- _WHAT YOU SHOULD DO_
Using the records below, quote only the span that opens with the line containing "#133=ORIENTED_EDGE('',*,*,#132,.T.);" and closes with the line containing "#179=FACE_OUTER_BOUND('',#178,.T.);", exactly and inclusively.

- _DATA_
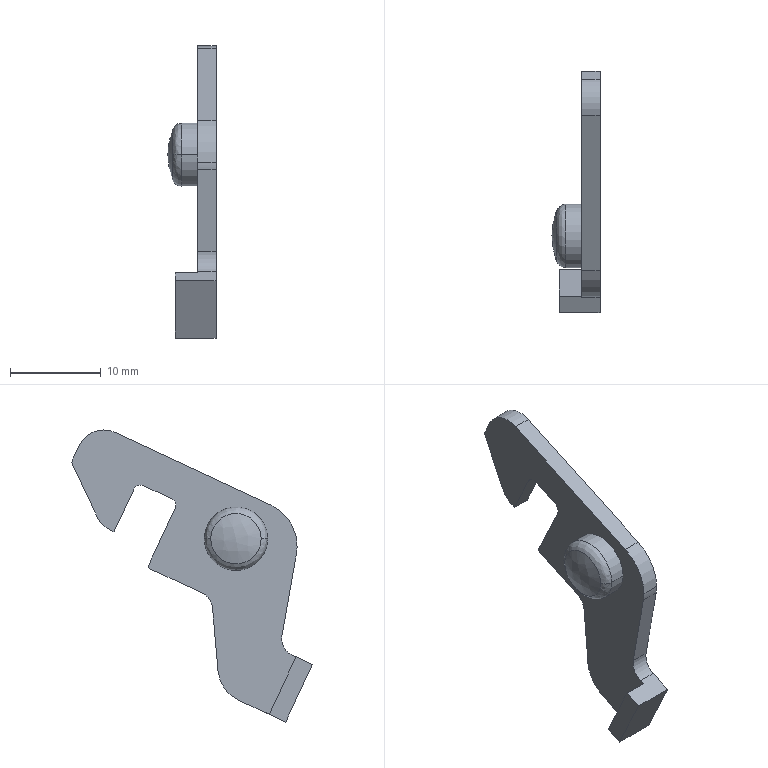Component | SolidWorks | RSDQA32-20DD-M9BL(0_0)-1_RSQ3220(0)-1 | 1 solid | 33 faces | box 5.3 x 26.56 x 32.2 mm | volume 826 mm3 | plane 17 | cylinder 13 | spline 3 | commonest cylinder face diameters 1.6 x3 10 x2 7 x2 6 x2 4 x2 8 x1 0.6 x1
STEP:
#1=COLOUR_RGB('',0.7922,0.8196,0.9333);
#2=FILL_AREA_STYLE_COLOUR('',#1);
#3=FILL_AREA_STYLE('',(#2));
#4=SURFACE_STYLE_FILL_AREA(#3);
#5=SURFACE_SIDE_STYLE('',(#4));
#6=SURFACE_STYLE_USAGE(.BOTH.,#5);
#7=PRESENTATION_STYLE_ASSIGNMENT((#6));
#8=CARTESIAN_POINT('',(0.0703,1.259,-0.6246));
#9=VERTEX_POINT('',#8);
#10=CARTESIAN_POINT('',(0.0703,0.9833,-0.6246));
#11=VERTEX_POINT('',#10);
#12=CARTESIAN_POINT('',(0.0703,1.121,-0.6246));
#13=DIRECTION('',(1.,0.,-0.));
#14=DIRECTION('',(0.,-1.,0.));
#15=AXIS2_PLACEMENT_3D('',#12,#13,#14);
#16=CIRCLE('',#15,0.1378);
#17=EDGE_CURVE('',#9,#11,#16,.T.);
#18=ORIENTED_EDGE('',*,*,#17,.F.);
#19=CARTESIAN_POINT('',(0.0297,1.231,-0.6246));
#20=VERTEX_POINT('',#19);
#21=CARTESIAN_POINT('',(0.0703,1.216,-0.6246));
#22=DIRECTION('',(0.,0.,1.));
#23=DIRECTION('',(0.,1.,0.));
#24=AXIS2_PLACEMENT_3D('',#21,#22,#23);
#25=CIRCLE('',#24,0.04331);
#26=EDGE_CURVE('',#9,#20,#25,.T.);
#27=ORIENTED_EDGE('',*,*,#26,.T.);
#28=CARTESIAN_POINT('',(0.0297,1.012,-0.6246));
#29=VERTEX_POINT('',#28);
#30=CARTESIAN_POINT('',(0.0297,1.121,-0.6246));
#31=DIRECTION('',(1.,0.,-0.));
#32=DIRECTION('',(0.,-1.,0.));
#33=AXIS2_PLACEMENT_3D('',#30,#31,#32);
#34=CIRCLE('',#33,0.1096);
#35=EDGE_CURVE('',#20,#29,#34,.T.);
#36=ORIENTED_EDGE('',*,*,#35,.T.);
#37=CARTESIAN_POINT('',(0.0703,1.027,-0.6246));
#38=DIRECTION('',(-0.,0.,-1.));
#39=DIRECTION('',(0.,-1.,0.));
#40=AXIS2_PLACEMENT_3D('',#37,#38,#39);
#41=CIRCLE('',#40,0.04331);
#42=EDGE_CURVE('',#11,#29,#41,.T.);
#43=ORIENTED_EDGE('',*,*,#42,.F.);
#44=EDGE_LOOP('',(#18,#27,#36,#43));
#45=FACE_OUTER_BOUND('',#44,.T.);
#46=CARTESIAN_POINT('',(0.0703,1.259,-0.6246));
#47=CARTESIAN_POINT('',(0.0703,1.259,-0.349));
#48=CARTESIAN_POINT('',(0.0703,0.9833,-0.349));
#49=CARTESIAN_POINT('',(0.0703,0.9833,-0.6246));
#50=CARTESIAN_POINT('',(0.05158,1.259,-0.6246));
#51=CARTESIAN_POINT('',(0.05158,1.259,-0.349));
#52=CARTESIAN_POINT('',(0.05158,0.9833,-0.349));
#53=CARTESIAN_POINT('',(0.05158,0.9833,-0.6246));
#54=CARTESIAN_POINT('',(0.03621,1.248,-0.6246));
#55=CARTESIAN_POINT('',(0.03621,1.248,-0.3704));
#56=CARTESIAN_POINT('',(0.03621,0.994,-0.3704));
#57=CARTESIAN_POINT('',(0.03621,0.994,-0.6246));
#58=CARTESIAN_POINT('',(0.0297,1.231,-0.6246));
#59=CARTESIAN_POINT('',(0.0297,1.231,-0.4055));
#60=CARTESIAN_POINT('',(0.0297,1.012,-0.4055));
#61=CARTESIAN_POINT('',(0.0297,1.012,-0.6246));
#62=(BOUNDED_SURFACE()B_SPLINE_SURFACE(3,3,((#46,#47,#48,#49),(#50,#51,#52,#53),(#54,#55,#56,#57),(#58,#59,#60,#61)),.UNSPECIFIED.,.F.,.F.,.F.)B_SPLINE_SURFACE_WITH_KNOTS((4,4),(4,4),(0.,1.),(0.,1.),.UNSPECIFIED.)GEOMETRIC_REPRESENTATION_ITEM()RATIONAL_B_SPLINE_SURFACE(((1.,0.3333,0.3333,1.),(0.8806,0.2935,0.2935,0.8806),(0.8806,0.2935,0.2935,0.8806),(1.,0.3333,0.3333,1.)))REPRESENTATION_ITEM('')SURFACE());
#63=ADVANCED_FACE('',(#45),#62,.T.);
#64=CARTESIAN_POINT('',(0.14,0.9696,-0.4781));
#65=VERTEX_POINT('',#64);
#66=CARTESIAN_POINT('',(0.14,0.8559,-0.6565));
#67=VERTEX_POINT('',#66);
#68=CARTESIAN_POINT('',(0.14,1.053,-0.6565));
#69=DIRECTION('',(1.,0.,-0.));
#70=DIRECTION('',(0.,-1.,0.));
#71=AXIS2_PLACEMENT_3D('',#68,#69,#70);
#72=CIRCLE('',#71,0.1969);
#73=EDGE_CURVE('',#65,#67,#72,.T.);
#74=ORIENTED_EDGE('',*,*,#73,.T.);
#75=CARTESIAN_POINT('',(0.2187,0.8559,-0.6565));
#76=VERTEX_POINT('',#75);
#77=CARTESIAN_POINT('',(0.14,0.8559,-0.6565));
#78=DIRECTION('',(1.,0.,-0.));
#79=VECTOR('',#78,39.37);
#80=LINE('',#77,#79);
#81=EDGE_CURVE('',#67,#76,#80,.T.);
#82=ORIENTED_EDGE('',*,*,#81,.T.);
#83=CARTESIAN_POINT('',(0.2187,0.9696,-0.4781));
#84=VERTEX_POINT('',#83);
#85=CARTESIAN_POINT('',(0.2187,1.053,-0.6565));
#86=DIRECTION('',(1.,0.,-0.));
#87=DIRECTION('',(0.,-1.,0.));
#88=AXIS2_PLACEMENT_3D('',#85,#86,#87);
#89=CIRCLE('',#88,0.1969);
#90=EDGE_CURVE('',#84,#76,#89,.T.);
#91=ORIENTED_EDGE('',*,*,#90,.F.);
#92=CARTESIAN_POINT('',(0.14,0.9696,-0.4781));
#93=DIRECTION('',(-1.,-0.,0.));
#94=VECTOR('',#93,39.37);
#95=LINE('',#92,#94);
#96=EDGE_CURVE('',#84,#65,#95,.T.);
#97=ORIENTED_EDGE('',*,*,#96,.T.);
#98=EDGE_LOOP('',(#74,#82,#91,#97));
#99=FACE_OUTER_BOUND('',#98,.T.);
#100=CARTESIAN_POINT('',(0.14,1.053,-0.6565));
#101=DIRECTION('',(1.,0.,-0.));
#102=DIRECTION('',(0.,-1.,0.));
#103=AXIS2_PLACEMENT_3D('',#100,#101,#102);
#104=CYLINDRICAL_SURFACE('',#103,0.1969);
#105=ADVANCED_FACE('',(#99),#104,.T.);
#106=CARTESIAN_POINT('',(0.14,1.385,-0.4927));
#107=VERTEX_POINT('',#106);
#108=CARTESIAN_POINT('',(0.14,1.382,-0.4794));
#109=VERTEX_POINT('',#108);
#110=CARTESIAN_POINT('',(0.14,1.414,-0.4794));
#111=DIRECTION('',(-1.,-0.,0.));
#112=DIRECTION('',(0.,-1.,0.));
#113=AXIS2_PLACEMENT_3D('',#110,#111,#112);
#114=CIRCLE('',#113,0.0315);
#115=EDGE_CURVE('',#107,#109,#114,.T.);
#116=ORIENTED_EDGE('',*,*,#115,.T.);
#117=CARTESIAN_POINT('',(0.2187,1.382,-0.4794));
#118=VERTEX_POINT('',#117);
#119=CARTESIAN_POINT('',(0.14,1.382,-0.4794));
#120=DIRECTION('',(1.,0.,-0.));
#121=VECTOR('',#120,39.37);
#122=LINE('',#119,#121);
#123=EDGE_CURVE('',#109,#118,#122,.T.);
#124=ORIENTED_EDGE('',*,*,#123,.T.);
#125=CARTESIAN_POINT('',(0.2187,1.385,-0.4927));
#126=VERTEX_POINT('',#125);
#127=CARTESIAN_POINT('',(0.2187,1.414,-0.4794));
#128=DIRECTION('',(1.,0.,-0.));
#129=DIRECTION('',(0.,-1.,0.));
#130=AXIS2_PLACEMENT_3D('',#127,#128,#129);
#131=CIRCLE('',#130,0.0315);
#132=EDGE_CURVE('',#118,#126,#131,.T.);
#133=ORIENTED_EDGE('',*,*,#132,.T.);
#134=CARTESIAN_POINT('',(0.14,1.385,-0.4927));
#135=DIRECTION('',(1.,0.,-0.));
#136=VECTOR('',#135,39.37);
#137=LINE('',#134,#136);
#138=EDGE_CURVE('',#107,#126,#137,.T.);
#139=ORIENTED_EDGE('',*,*,#138,.F.);
#140=EDGE_LOOP('',(#116,#124,#133,#139));
#141=FACE_OUTER_BOUND('',#140,.T.);
#142=CARTESIAN_POINT('',(0.14,1.414,-0.4794));
#143=DIRECTION('',(1.,0.,-0.));
#144=DIRECTION('',(0.,-1.,0.));
#145=AXIS2_PLACEMENT_3D('',#142,#143,#144);
#146=CYLINDRICAL_SURFACE('',#145,0.0315);
#147=ADVANCED_FACE('',(#141),#146,.F.);
#148=CARTESIAN_POINT('',(0.0703,1.121,-0.6246));
#149=DIRECTION('',(1.,0.,-0.));
#150=DIRECTION('',(0.,-1.,0.));
#151=AXIS2_PLACEMENT_3D('',#148,#149,#150);
#152=CIRCLE('',#151,0.1378);
#153=EDGE_CURVE('',#11,#9,#152,.T.);
#154=ORIENTED_EDGE('',*,*,#153,.T.);
#155=CARTESIAN_POINT('',(0.14,1.259,-0.6246));
#156=VERTEX_POINT('',#155);
#157=CARTESIAN_POINT('',(0.1051,1.259,-0.6246));
#158=DIRECTION('',(1.,0.,-0.));
#159=VECTOR('',#158,39.37);
#160=LINE('',#157,#159);
#161=EDGE_CURVE('',#9,#156,#160,.T.);
#162=ORIENTED_EDGE('',*,*,#161,.T.);
#163=CARTESIAN_POINT('',(0.14,0.9833,-0.6246));
#164=VERTEX_POINT('',#163);
#165=CARTESIAN_POINT('',(0.14,1.121,-0.6246));
#166=DIRECTION('',(-1.,-0.,0.));
#167=DIRECTION('',(0.,-1.,0.));
#168=AXIS2_PLACEMENT_3D('',#165,#166,#167);
#169=CIRCLE('',#168,0.1378);
#170=EDGE_CURVE('',#156,#164,#169,.T.);
#171=ORIENTED_EDGE('',*,*,#170,.T.);
#172=CARTESIAN_POINT('',(0.1051,0.9833,-0.6246));
#173=DIRECTION('',(1.,0.,-0.));
#174=VECTOR('',#173,39.37);
#175=LINE('',#172,#174);
#176=EDGE_CURVE('',#11,#164,#175,.T.);
#177=ORIENTED_EDGE('',*,*,#176,.F.);
#178=EDGE_LOOP('',(#154,#162,#171,#177));
#179=FACE_OUTER_BOUND('',#178,.T.);
#180=CARTESIAN_POINT('',(0.1051,1.121,-0.6246));
#181=DIRECTION('',(1.,0.,-0.));
#182=DIRECTION('',(0.,-1.,0.));
#183=AXIS2_PLACEMENT_3D('',#180,#181,#182);
#184=CYLINDRICAL_SURFACE('',#183,0.1378);
#185=ADVANCED_FACE('',(#179),#184,.T.);
#186=CARTESIAN_POINT('',(0.2187,1.666,-0.5876));
#187=VERTEX_POINT('',#186);
#188=CARTESIAN_POINT('',(0.2187,1.65,-0.5951));
#189=VERTEX_POINT('',#188);
#190=CARTESIAN_POINT('',(0.2187,1.666,-0.5876));
#191=DIRECTION('',(-0.,-0.9063,-0.4226));
#192=VECTOR('',#191,39.37);
#193=LINE('',#190,#192);
#194=EDGE_CURVE('',#187,#189,#193,.T.);
#195=ORIENTED_EDGE('',*,*,#194,.F.);
#196=CARTESIAN_POINT('',(0.2187,1.723,-0.5305));
#197=VERTEX_POINT('',#196);
#198=CARTESIAN_POINT('',(0.2187,1.616,-0.4806));
#199=DIRECTION('',(1.,0.,-0.));
#200=DIRECTION('',(0.,-1.,0.));
#201=AXIS2_PLACEMENT_3D('',#198,#199,#200);
#202=CIRCLE('',#201,0.1181);
#203=EDGE_CURVE('',#187,#197,#202,.T.);
#204=ORIENTED_EDGE('',*,*,#203,.T.);
#205=CARTESIAN_POINT('',(0.2187,1.835,-0.2918));
#206=VERTEX_POINT('',#205);
#207=CARTESIAN_POINT('',(0.2187,1.723,-0.5305));
#208=DIRECTION('',(0.,0.4226,0.9063));
#209=VECTOR('',#208,39.37);
#210=LINE('',#207,#209);
#211=EDGE_CURVE('',#197,#206,#210,.T.);
#212=ORIENTED_EDGE('',*,*,#211,.T.);
#213=CARTESIAN_POINT('',(0.2187,1.801,-0.2205));
#214=VERTEX_POINT('',#213);
#215=CARTESIAN_POINT('',(0.2187,1.835,-0.2918));
#216=DIRECTION('',(0.,-0.4226,0.9063));
#217=VECTOR('',#216,39.37);
#218=LINE('',#215,#217);
#219=EDGE_CURVE('',#206,#214,#218,.T.);
#220=ORIENTED_EDGE('',*,*,#219,.T.);
#221=CARTESIAN_POINT('',(0.2187,1.644,-0.1634));
#222=VERTEX_POINT('',#221);
#223=CARTESIAN_POINT('',(0.2187,1.694,-0.2704));
#224=DIRECTION('',(1.,0.,-0.));
#225=DIRECTION('',(0.,-1.,0.));
#226=AXIS2_PLACEMENT_3D('',#223,#224,#225);
#227=CIRCLE('',#226,0.1181);
#228=EDGE_CURVE('',#214,#222,#227,.T.);
#229=ORIENTED_EDGE('',*,*,#228,.T.);
#230=CARTESIAN_POINT('',(0.2187,1.644,-0.1634));
#231=DIRECTION('',(-0.,-0.9063,-0.4226));
#232=VECTOR('',#231,39.37);
#233=LINE('',#230,#232);
#234=EDGE_CURVE('',#222,#84,#233,.T.);
#235=ORIENTED_EDGE('',*,*,#234,.T.);
#236=ORIENTED_EDGE('',*,*,#90,.T.);
#237=CARTESIAN_POINT('',(0.2187,0.8589,-0.6907));
#238=VERTEX_POINT('',#237);
#239=CARTESIAN_POINT('',(0.2187,1.053,-0.6565));
#240=DIRECTION('',(1.,0.,-0.));
#241=DIRECTION('',(0.,-1.,0.));
#242=AXIS2_PLACEMENT_3D('',#239,#240,#241);
#243=CIRCLE('',#242,0.1969);
#244=EDGE_CURVE('',#76,#238,#243,.T.);
#245=ORIENTED_EDGE('',*,*,#244,.T.);
#246=CARTESIAN_POINT('',(0.2187,0.9213,-1.044));
#247=VERTEX_POINT('',#246);
#248=CARTESIAN_POINT('',(0.2187,0.8589,-0.6907));
#249=DIRECTION('',(-0.,0.1736,-0.9848));
#250=VECTOR('',#249,39.37);
#251=LINE('',#248,#250);
#252=EDGE_CURVE('',#238,#247,#251,.T.);
#253=ORIENTED_EDGE('',*,*,#252,.T.);
#254=CARTESIAN_POINT('',(0.2187,0.877,-1.129));
#255=VERTEX_POINT('',#254);
#256=CARTESIAN_POINT('',(0.2187,0.8438,-1.058));
#257=DIRECTION('',(-1.,-0.,0.));
#258=DIRECTION('',(0.,-1.,-0.));
#259=AXIS2_PLACEMENT_3D('',#256,#257,#258);
#260=CIRCLE('',#259,0.07874);
#261=EDGE_CURVE('',#247,#255,#260,.T.);
#262=ORIENTED_EDGE('',*,*,#261,.T.);
#263=CARTESIAN_POINT('',(0.2187,0.7891,-1.17));
#264=VERTEX_POINT('',#263);
#265=CARTESIAN_POINT('',(0.2187,0.877,-1.129));
#266=DIRECTION('',(-0.,-0.9063,-0.4226));
#267=VECTOR('',#266,39.37);
#268=LINE('',#265,#267);
#269=EDGE_CURVE('',#255,#264,#268,.T.);
#270=ORIENTED_EDGE('',*,*,#269,.T.);
#271=CARTESIAN_POINT('',(0.2187,0.9056,-1.42));
#272=VERTEX_POINT('',#271);
#273=CARTESIAN_POINT('',(0.2187,0.7891,-1.17));
#274=DIRECTION('',(-0.,0.4226,-0.9063));
#275=VECTOR('',#274,39.37);
#276=LINE('',#273,#275);
#277=EDGE_CURVE('',#264,#272,#276,.T.);
#278=ORIENTED_EDGE('',*,*,#277,.T.);
#279=CARTESIAN_POINT('',(0.2187,1.109,-1.325));
#280=VERTEX_POINT('',#279);
#281=CARTESIAN_POINT('',(0.2187,0.9056,-1.42));
#282=DIRECTION('',(0.,0.9063,0.4226));
#283=VECTOR('',#282,39.37);
#284=LINE('',#281,#283);
#285=EDGE_CURVE('',#272,#280,#284,.T.);
#286=ORIENTED_EDGE('',*,*,#285,.T.);
#287=CARTESIAN_POINT('',(0.2187,1.199,-1.196));
#288=VERTEX_POINT('',#287);
#289=CARTESIAN_POINT('',(0.2187,1.042,-1.183));
#290=DIRECTION('',(1.,0.,-0.));
#291=DIRECTION('',(0.,-1.,0.));
#292=AXIS2_PLACEMENT_3D('',#289,#290,#291);
#293=CIRCLE('',#292,0.1575);
#294=EDGE_CURVE('',#280,#288,#293,.T.);
#295=ORIENTED_EDGE('',*,*,#294,.T.);
#296=CARTESIAN_POINT('',(0.2187,1.223,-0.9247));
#297=VERTEX_POINT('',#296);
#298=CARTESIAN_POINT('',(0.2187,1.199,-1.196));
#299=DIRECTION('',(0.,0.08716,0.9962));
#300=VECTOR('',#299,39.37);
#301=LINE('',#298,#300);
#302=EDGE_CURVE('',#288,#297,#301,.T.);
#303=ORIENTED_EDGE('',*,*,#302,.T.);
#304=CARTESIAN_POINT('',(0.2187,1.268,-0.8602));
#305=VERTEX_POINT('',#304);
#306=CARTESIAN_POINT('',(0.2187,1.301,-0.9316));
#307=DIRECTION('',(-1.,-0.,0.));
#308=DIRECTION('',(0.,-1.,0.));
#309=AXIS2_PLACEMENT_3D('',#306,#307,#308);
#310=CIRCLE('',#309,0.07874);
#311=EDGE_CURVE('',#297,#305,#310,.T.);
#312=ORIENTED_EDGE('',*,*,#311,.T.);
#313=CARTESIAN_POINT('',(0.2187,1.494,-0.7546));
#314=VERTEX_POINT('',#313);
#315=CARTESIAN_POINT('',(0.2187,1.268,-0.8602));
#316=DIRECTION('',(0.,0.9063,0.4226));
#317=VECTOR('',#316,39.37);
#318=LINE('',#315,#317);
#319=EDGE_CURVE('',#305,#314,#318,.T.);
#320=ORIENTED_EDGE('',*,*,#319,.T.);
#321=CARTESIAN_POINT('',(0.2187,1.5,-0.7389));
#322=VERTEX_POINT('',#321);
#323=CARTESIAN_POINT('',(0.2187,1.489,-0.7439));
#324=DIRECTION('',(-1.,-0.,0.));
#325=DIRECTION('',(0.,-1.,0.));
#326=AXIS2_PLACEMENT_3D('',#323,#324,#325);
#327=CIRCLE('',#326,0.01181);
#328=EDGE_CURVE('',#322,#314,#327,.T.);
#329=ORIENTED_EDGE('',*,*,#328,.F.);
#330=CARTESIAN_POINT('',(0.2187,1.5,-0.7389));
#331=DIRECTION('',(0.,-0.4226,0.9063));
#332=VECTOR('',#331,39.37);
#333=LINE('',#330,#332);
#334=EDGE_CURVE('',#322,#126,#333,.T.);
#335=ORIENTED_EDGE('',*,*,#334,.T.);
#336=ORIENTED_EDGE('',*,*,#132,.F.);
#337=CARTESIAN_POINT('',(0.2187,1.401,-0.4509));
#338=VERTEX_POINT('',#337);
#339=CARTESIAN_POINT('',(0.2187,1.414,-0.4794));
#340=DIRECTION('',(1.,0.,-0.));
#341=DIRECTION('',(0.,-1.,0.));
#342=AXIS2_PLACEMENT_3D('',#339,#340,#341);
#343=CIRCLE('',#342,0.0315);
#344=EDGE_CURVE('',#338,#118,#343,.T.);
#345=ORIENTED_EDGE('',*,*,#344,.F.);
#346=CARTESIAN_POINT('',(0.2187,1.522,-0.3943));
#347=VERTEX_POINT('',#346);
#348=CARTESIAN_POINT('',(0.2187,1.401,-0.4509));
#349=DIRECTION('',(0.,0.9063,0.4226));
#350=VECTOR('',#349,39.37);
#351=LINE('',#348,#350);
#352=EDGE_CURVE('',#338,#347,#351,.T.);
#353=ORIENTED_EDGE('',*,*,#352,.T.);
#354=CARTESIAN_POINT('',(0.2187,1.564,-0.4095));
#355=VERTEX_POINT('',#354);
#356=CARTESIAN_POINT('',(0.2187,1.535,-0.4228));
#357=DIRECTION('',(1.,0.,-0.));
#358=DIRECTION('',(0.,-1.,0.));
#359=AXIS2_PLACEMENT_3D('',#356,#357,#358);
#360=CIRCLE('',#359,0.0315);
#361=EDGE_CURVE('',#355,#347,#360,.T.);
#362=ORIENTED_EDGE('',*,*,#361,.F.);
#363=CARTESIAN_POINT('',(0.2187,1.564,-0.4095));
#364=DIRECTION('',(-0.,0.4226,-0.9063));
#365=VECTOR('',#364,39.37);
#366=LINE('',#363,#365);
#367=EDGE_CURVE('',#355,#189,#366,.T.);
#368=ORIENTED_EDGE('',*,*,#367,.T.);
#369=EDGE_LOOP('',(#195,#204,#212,#220,#229,#235,#236,#245,#253,#262,#270,#278,#286,#295,#303,#312,#320,#329,#335,#336,#345,#353,#362,#368));
#370=FACE_OUTER_BOUND('',#369,.T.);
#371=CARTESIAN_POINT('',(0.2187,0.7667,-0.9002));
#372=DIRECTION('',(1.,0.,-0.));
#373=DIRECTION('',(0.,-1.,-0.));
#374=AXIS2_PLACEMENT_3D('',#371,#372,#373);
#375=PLANE('',#374);
#376=ADVANCED_FACE('',(#370),#375,.T.);
#377=CARTESIAN_POINT('',(0.14,1.666,-0.5876));
#378=VERTEX_POINT('',#377);
#379=CARTESIAN_POINT('',(0.14,1.723,-0.5305));
#380=VERTEX_POINT('',#379);
#381=CARTESIAN_POINT('',(0.14,1.616,-0.4806));
#382=DIRECTION('',(1.,0.,-0.));
#383=DIRECTION('',(0.,-1.,0.));
#384=AXIS2_PLACEMENT_3D('',#381,#382,#383);
#385=CIRCLE('',#384,0.1181);
#386=EDGE_CURVE('',#378,#380,#385,.T.);
#387=ORIENTED_EDGE('',*,*,#386,.T.);
#388=CARTESIAN_POINT('',(0.14,1.723,-0.5305));
#389=DIRECTION('',(1.,0.,-0.));
#390=VECTOR('',#389,39.37);
#391=LINE('',#388,#390);
#392=EDGE_CURVE('',#380,#197,#391,.T.);
#393=ORIENTED_EDGE('',*,*,#392,.T.);
#394=ORIENTED_EDGE('',*,*,#203,.F.);
#395=CARTESIAN_POINT('',(0.14,1.666,-0.5876));
#396=DIRECTION('',(-1.,-0.,0.));
#397=VECTOR('',#396,39.37);
#398=LINE('',#395,#397);
#399=EDGE_CURVE('',#187,#378,#398,.T.);
#400=ORIENTED_EDGE('',*,*,#399,.T.);
#401=EDGE_LOOP('',(#387,#393,#394,#400));
#402=FACE_OUTER_BOUND('',#401,.T.);
#403=CARTESIAN_POINT('',(0.14,1.616,-0.4806));
#404=DIRECTION('',(1.,0.,-0.));
#405=DIRECTION('',(0.,-1.,0.));
#406=AXIS2_PLACEMENT_3D('',#403,#404,#405);
#407=CYLINDRICAL_SURFACE('',#406,0.1181);
#408=ADVANCED_FACE('',(#402),#407,.T.);
#409=CARTESIAN_POINT('',(0.14,1.564,-0.4095));
#410=VERTEX_POINT('',#409);
#411=CARTESIAN_POINT('',(0.14,1.65,-0.5951));
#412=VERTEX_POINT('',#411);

- _WORKED SOLUTION_
#133=ORIENTED_EDGE('',*,*,#132,.T.);
#134=CARTESIAN_POINT('',(0.14,1.385,-0.4927));
#135=DIRECTION('',(1.,0.,-0.));
#136=VECTOR('',#135,39.37);
#137=LINE('',#134,#136);
#138=EDGE_CURVE('',#107,#126,#137,.T.);
#139=ORIENTED_EDGE('',*,*,#138,.F.);
#140=EDGE_LOOP('',(#116,#124,#133,#139));
#141=FACE_OUTER_BOUND('',#140,.T.);
#142=CARTESIAN_POINT('',(0.14,1.414,-0.4794));
#143=DIRECTION('',(1.,0.,-0.));
#144=DIRECTION('',(0.,-1.,0.));
#145=AXIS2_PLACEMENT_3D('',#142,#143,#144);
#146=CYLINDRICAL_SURFACE('',#145,0.0315);
#147=ADVANCED_FACE('',(#141),#146,.F.);
#148=CARTESIAN_POINT('',(0.0703,1.121,-0.6246));
#149=DIRECTION('',(1.,0.,-0.));
#150=DIRECTION('',(0.,-1.,0.));
#151=AXIS2_PLACEMENT_3D('',#148,#149,#150);
#152=CIRCLE('',#151,0.1378);
#153=EDGE_CURVE('',#11,#9,#152,.T.);
#154=ORIENTED_EDGE('',*,*,#153,.T.);
#155=CARTESIAN_POINT('',(0.14,1.259,-0.6246));
#156=VERTEX_POINT('',#155);
#157=CARTESIAN_POINT('',(0.1051,1.259,-0.6246));
#158=DIRECTION('',(1.,0.,-0.));
#159=VECTOR('',#158,39.37);
#160=LINE('',#157,#159);
#161=EDGE_CURVE('',#9,#156,#160,.T.);
#162=ORIENTED_EDGE('',*,*,#161,.T.);
#163=CARTESIAN_POINT('',(0.14,0.9833,-0.6246));
#164=VERTEX_POINT('',#163);
#165=CARTESIAN_POINT('',(0.14,1.121,-0.6246));
#166=DIRECTION('',(-1.,-0.,0.));
#167=DIRECTION('',(0.,-1.,0.));
#168=AXIS2_PLACEMENT_3D('',#165,#166,#167);
#169=CIRCLE('',#168,0.1378);
#170=EDGE_CURVE('',#156,#164,#169,.T.);
#171=ORIENTED_EDGE('',*,*,#170,.T.);
#172=CARTESIAN_POINT('',(0.1051,0.9833,-0.6246));
#173=DIRECTION('',(1.,0.,-0.));
#174=VECTOR('',#173,39.37);
#175=LINE('',#172,#174);
#176=EDGE_CURVE('',#11,#164,#175,.T.);
#177=ORIENTED_EDGE('',*,*,#176,.F.);
#178=EDGE_LOOP('',(#154,#162,#171,#177));
#179=FACE_OUTER_BOUND('',#178,.T.);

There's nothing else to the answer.